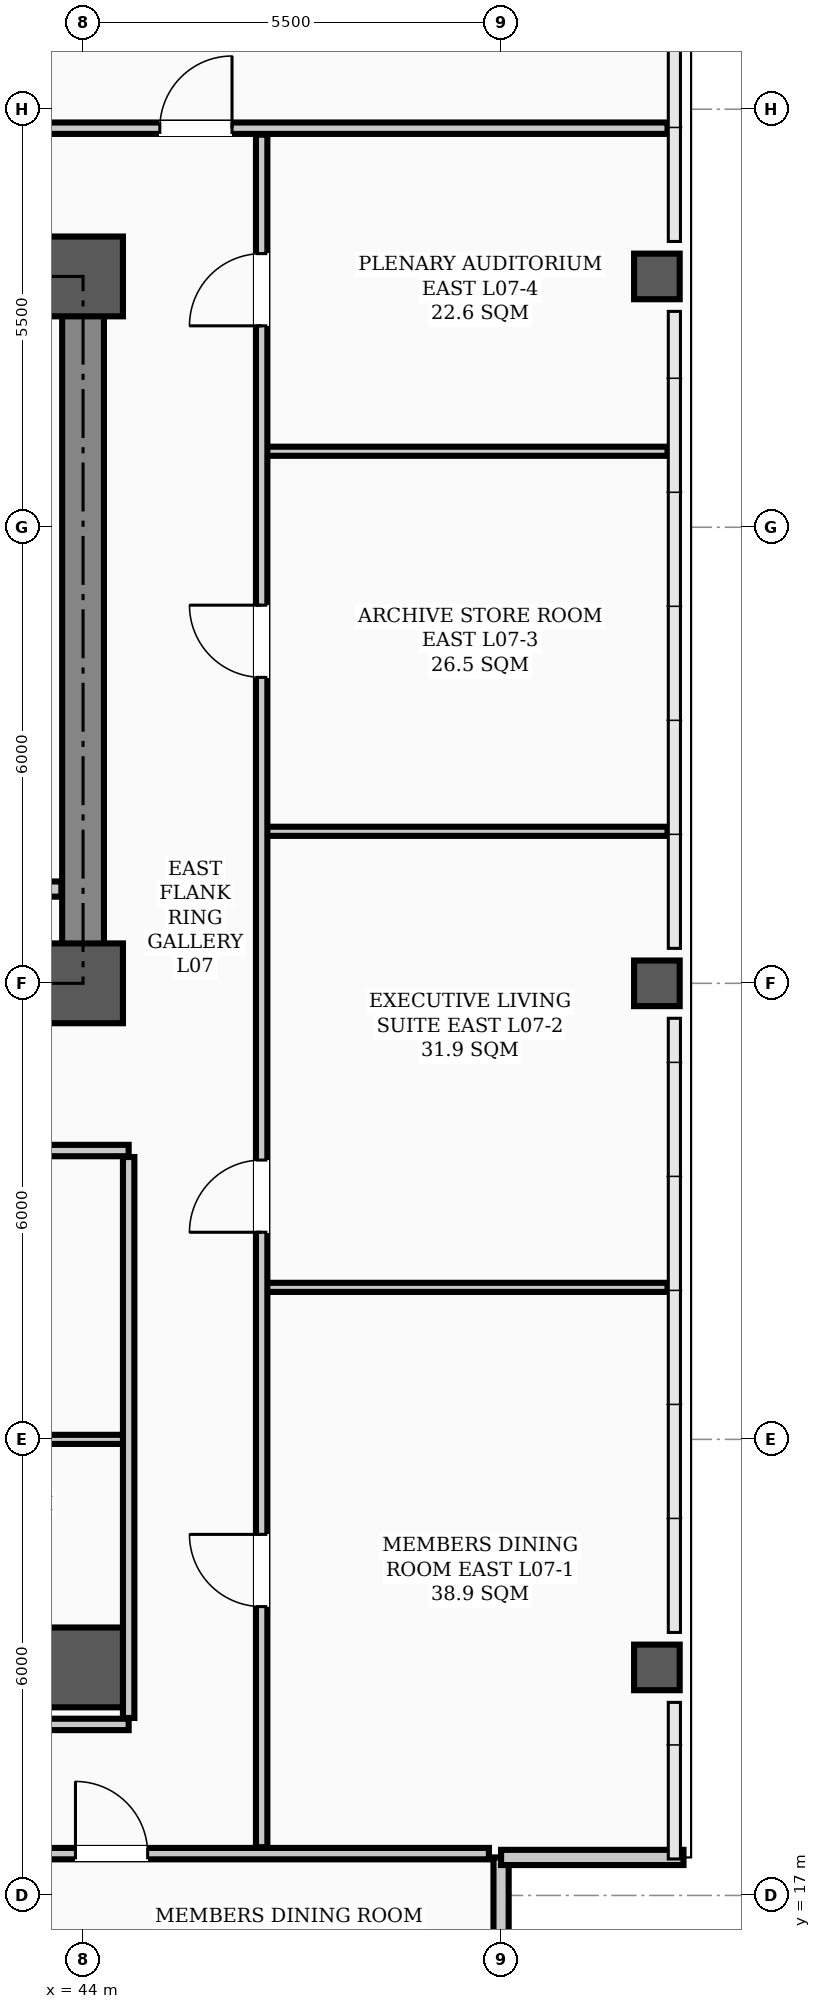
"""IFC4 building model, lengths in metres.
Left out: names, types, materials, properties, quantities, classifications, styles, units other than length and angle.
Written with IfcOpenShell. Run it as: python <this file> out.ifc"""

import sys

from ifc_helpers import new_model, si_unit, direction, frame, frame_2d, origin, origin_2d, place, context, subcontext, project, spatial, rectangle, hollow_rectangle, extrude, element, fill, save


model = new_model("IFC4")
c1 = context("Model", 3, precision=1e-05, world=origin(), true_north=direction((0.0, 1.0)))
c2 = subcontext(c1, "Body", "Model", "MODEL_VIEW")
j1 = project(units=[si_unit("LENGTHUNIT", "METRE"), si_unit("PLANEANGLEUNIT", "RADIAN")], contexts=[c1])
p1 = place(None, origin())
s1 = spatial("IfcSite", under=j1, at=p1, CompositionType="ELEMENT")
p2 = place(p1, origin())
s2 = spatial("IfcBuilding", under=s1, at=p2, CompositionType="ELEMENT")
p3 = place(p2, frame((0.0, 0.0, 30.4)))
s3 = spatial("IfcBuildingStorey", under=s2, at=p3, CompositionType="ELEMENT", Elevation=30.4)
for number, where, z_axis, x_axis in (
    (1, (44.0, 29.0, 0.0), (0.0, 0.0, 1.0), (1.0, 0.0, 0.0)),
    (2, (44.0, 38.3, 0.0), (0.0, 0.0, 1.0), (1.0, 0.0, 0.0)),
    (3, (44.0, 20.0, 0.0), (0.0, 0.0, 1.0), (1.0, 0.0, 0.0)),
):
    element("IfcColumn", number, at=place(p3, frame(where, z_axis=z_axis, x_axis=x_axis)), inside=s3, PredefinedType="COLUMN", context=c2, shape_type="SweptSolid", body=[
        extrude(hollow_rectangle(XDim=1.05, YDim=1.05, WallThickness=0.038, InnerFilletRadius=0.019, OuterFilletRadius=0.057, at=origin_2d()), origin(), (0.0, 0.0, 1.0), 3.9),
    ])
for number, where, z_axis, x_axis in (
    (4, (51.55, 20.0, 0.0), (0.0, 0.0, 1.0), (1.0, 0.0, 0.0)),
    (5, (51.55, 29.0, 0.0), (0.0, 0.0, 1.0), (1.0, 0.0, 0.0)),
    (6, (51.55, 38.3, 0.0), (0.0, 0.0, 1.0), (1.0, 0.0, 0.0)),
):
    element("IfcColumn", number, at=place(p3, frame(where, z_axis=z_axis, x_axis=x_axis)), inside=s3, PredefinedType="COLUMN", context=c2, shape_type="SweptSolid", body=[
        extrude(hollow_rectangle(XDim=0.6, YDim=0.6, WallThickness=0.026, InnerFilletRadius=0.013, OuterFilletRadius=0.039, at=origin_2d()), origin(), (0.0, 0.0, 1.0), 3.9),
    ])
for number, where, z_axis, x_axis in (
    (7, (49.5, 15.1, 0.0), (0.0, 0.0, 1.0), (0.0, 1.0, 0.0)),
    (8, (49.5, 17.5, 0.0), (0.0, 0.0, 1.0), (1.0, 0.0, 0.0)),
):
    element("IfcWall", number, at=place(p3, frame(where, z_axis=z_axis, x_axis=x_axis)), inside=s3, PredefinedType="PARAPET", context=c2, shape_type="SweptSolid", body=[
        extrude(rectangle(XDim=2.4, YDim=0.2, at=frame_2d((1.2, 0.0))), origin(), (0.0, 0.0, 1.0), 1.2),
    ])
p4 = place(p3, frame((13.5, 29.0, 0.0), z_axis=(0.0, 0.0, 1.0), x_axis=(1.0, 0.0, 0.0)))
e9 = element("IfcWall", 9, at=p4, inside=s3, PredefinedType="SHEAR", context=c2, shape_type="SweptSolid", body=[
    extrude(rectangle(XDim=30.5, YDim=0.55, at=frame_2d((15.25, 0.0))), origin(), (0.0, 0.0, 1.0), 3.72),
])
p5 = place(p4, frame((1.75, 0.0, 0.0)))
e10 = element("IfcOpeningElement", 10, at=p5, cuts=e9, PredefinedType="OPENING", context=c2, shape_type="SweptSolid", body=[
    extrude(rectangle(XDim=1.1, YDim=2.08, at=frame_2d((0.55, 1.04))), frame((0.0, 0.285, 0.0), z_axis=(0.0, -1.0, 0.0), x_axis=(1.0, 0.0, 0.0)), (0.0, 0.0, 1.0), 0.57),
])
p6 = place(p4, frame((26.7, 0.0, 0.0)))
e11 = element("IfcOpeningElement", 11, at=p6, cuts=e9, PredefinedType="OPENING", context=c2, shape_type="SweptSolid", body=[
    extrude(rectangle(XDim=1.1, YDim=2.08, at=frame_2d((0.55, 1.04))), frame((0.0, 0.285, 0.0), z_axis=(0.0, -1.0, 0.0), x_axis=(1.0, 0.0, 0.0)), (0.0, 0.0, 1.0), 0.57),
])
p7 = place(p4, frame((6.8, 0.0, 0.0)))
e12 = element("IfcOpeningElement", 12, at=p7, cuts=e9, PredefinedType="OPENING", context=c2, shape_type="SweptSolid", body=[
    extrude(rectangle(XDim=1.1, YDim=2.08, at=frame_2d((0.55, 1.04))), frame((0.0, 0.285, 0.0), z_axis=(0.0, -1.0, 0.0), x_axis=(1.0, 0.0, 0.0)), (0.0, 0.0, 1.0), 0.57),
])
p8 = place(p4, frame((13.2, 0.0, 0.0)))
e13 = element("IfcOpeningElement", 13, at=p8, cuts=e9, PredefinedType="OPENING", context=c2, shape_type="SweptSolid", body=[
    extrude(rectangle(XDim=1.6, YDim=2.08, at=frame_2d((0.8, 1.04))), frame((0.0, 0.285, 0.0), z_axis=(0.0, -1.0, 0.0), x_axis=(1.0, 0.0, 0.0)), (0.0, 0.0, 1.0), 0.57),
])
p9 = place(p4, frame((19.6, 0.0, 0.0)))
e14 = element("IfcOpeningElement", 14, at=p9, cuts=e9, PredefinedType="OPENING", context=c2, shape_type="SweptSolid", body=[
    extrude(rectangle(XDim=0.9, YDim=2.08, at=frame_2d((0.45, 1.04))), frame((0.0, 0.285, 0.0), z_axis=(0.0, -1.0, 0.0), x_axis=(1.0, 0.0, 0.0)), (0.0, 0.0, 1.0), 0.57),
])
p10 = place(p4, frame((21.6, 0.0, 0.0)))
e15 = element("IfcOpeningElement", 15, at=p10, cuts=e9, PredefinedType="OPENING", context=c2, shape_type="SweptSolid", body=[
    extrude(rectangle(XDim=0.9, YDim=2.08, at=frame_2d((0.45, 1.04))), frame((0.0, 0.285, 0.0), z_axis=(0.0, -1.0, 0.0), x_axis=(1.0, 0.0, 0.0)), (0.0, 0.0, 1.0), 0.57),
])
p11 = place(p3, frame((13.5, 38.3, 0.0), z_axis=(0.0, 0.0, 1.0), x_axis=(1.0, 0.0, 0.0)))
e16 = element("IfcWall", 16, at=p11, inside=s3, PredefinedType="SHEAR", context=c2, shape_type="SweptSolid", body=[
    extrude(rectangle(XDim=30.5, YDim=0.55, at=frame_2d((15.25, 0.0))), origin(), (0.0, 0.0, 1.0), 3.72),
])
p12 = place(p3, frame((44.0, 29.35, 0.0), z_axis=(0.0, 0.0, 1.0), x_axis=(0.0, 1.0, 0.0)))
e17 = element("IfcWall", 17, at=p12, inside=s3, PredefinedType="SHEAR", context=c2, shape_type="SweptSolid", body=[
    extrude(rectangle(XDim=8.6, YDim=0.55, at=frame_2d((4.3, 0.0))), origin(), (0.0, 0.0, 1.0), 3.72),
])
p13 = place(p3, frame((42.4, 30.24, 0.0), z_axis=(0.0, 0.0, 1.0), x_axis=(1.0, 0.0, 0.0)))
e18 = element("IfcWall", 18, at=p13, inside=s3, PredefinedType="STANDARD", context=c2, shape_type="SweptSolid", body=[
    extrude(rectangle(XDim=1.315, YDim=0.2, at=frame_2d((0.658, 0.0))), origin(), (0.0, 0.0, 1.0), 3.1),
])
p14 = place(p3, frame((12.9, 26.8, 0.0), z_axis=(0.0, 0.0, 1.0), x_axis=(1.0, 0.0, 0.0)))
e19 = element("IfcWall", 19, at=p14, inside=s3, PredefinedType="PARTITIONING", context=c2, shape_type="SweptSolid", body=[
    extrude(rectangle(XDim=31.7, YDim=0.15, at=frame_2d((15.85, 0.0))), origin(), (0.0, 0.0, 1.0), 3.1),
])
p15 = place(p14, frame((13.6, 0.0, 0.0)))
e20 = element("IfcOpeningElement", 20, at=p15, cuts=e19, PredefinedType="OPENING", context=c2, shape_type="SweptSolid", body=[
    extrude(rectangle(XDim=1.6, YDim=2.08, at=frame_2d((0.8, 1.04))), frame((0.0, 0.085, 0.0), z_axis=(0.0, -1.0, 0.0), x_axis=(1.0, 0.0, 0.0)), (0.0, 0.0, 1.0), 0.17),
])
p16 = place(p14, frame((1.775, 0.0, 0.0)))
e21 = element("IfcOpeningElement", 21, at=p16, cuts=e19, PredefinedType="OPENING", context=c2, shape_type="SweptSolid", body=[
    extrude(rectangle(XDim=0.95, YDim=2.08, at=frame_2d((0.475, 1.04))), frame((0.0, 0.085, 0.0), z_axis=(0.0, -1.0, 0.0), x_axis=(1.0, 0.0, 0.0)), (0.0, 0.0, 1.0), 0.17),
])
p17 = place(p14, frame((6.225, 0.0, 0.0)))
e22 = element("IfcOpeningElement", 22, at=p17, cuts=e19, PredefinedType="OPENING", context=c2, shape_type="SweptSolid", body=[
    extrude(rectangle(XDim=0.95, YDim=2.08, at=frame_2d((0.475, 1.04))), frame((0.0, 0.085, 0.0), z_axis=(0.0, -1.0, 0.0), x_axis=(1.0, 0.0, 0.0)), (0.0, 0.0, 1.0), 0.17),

**TASK DIRECTIONS:**
Using the records above, filter out every line that lacks the string "import" and copy the rest.

**COMPLETED TASK:**
import sys
from ifc_helpers import new_model, si_unit, direction, frame, frame_2d, origin, origin_2d, place, context, subcontext, project, spatial, rectangle, hollow_rectangle, extrude, element, fill, save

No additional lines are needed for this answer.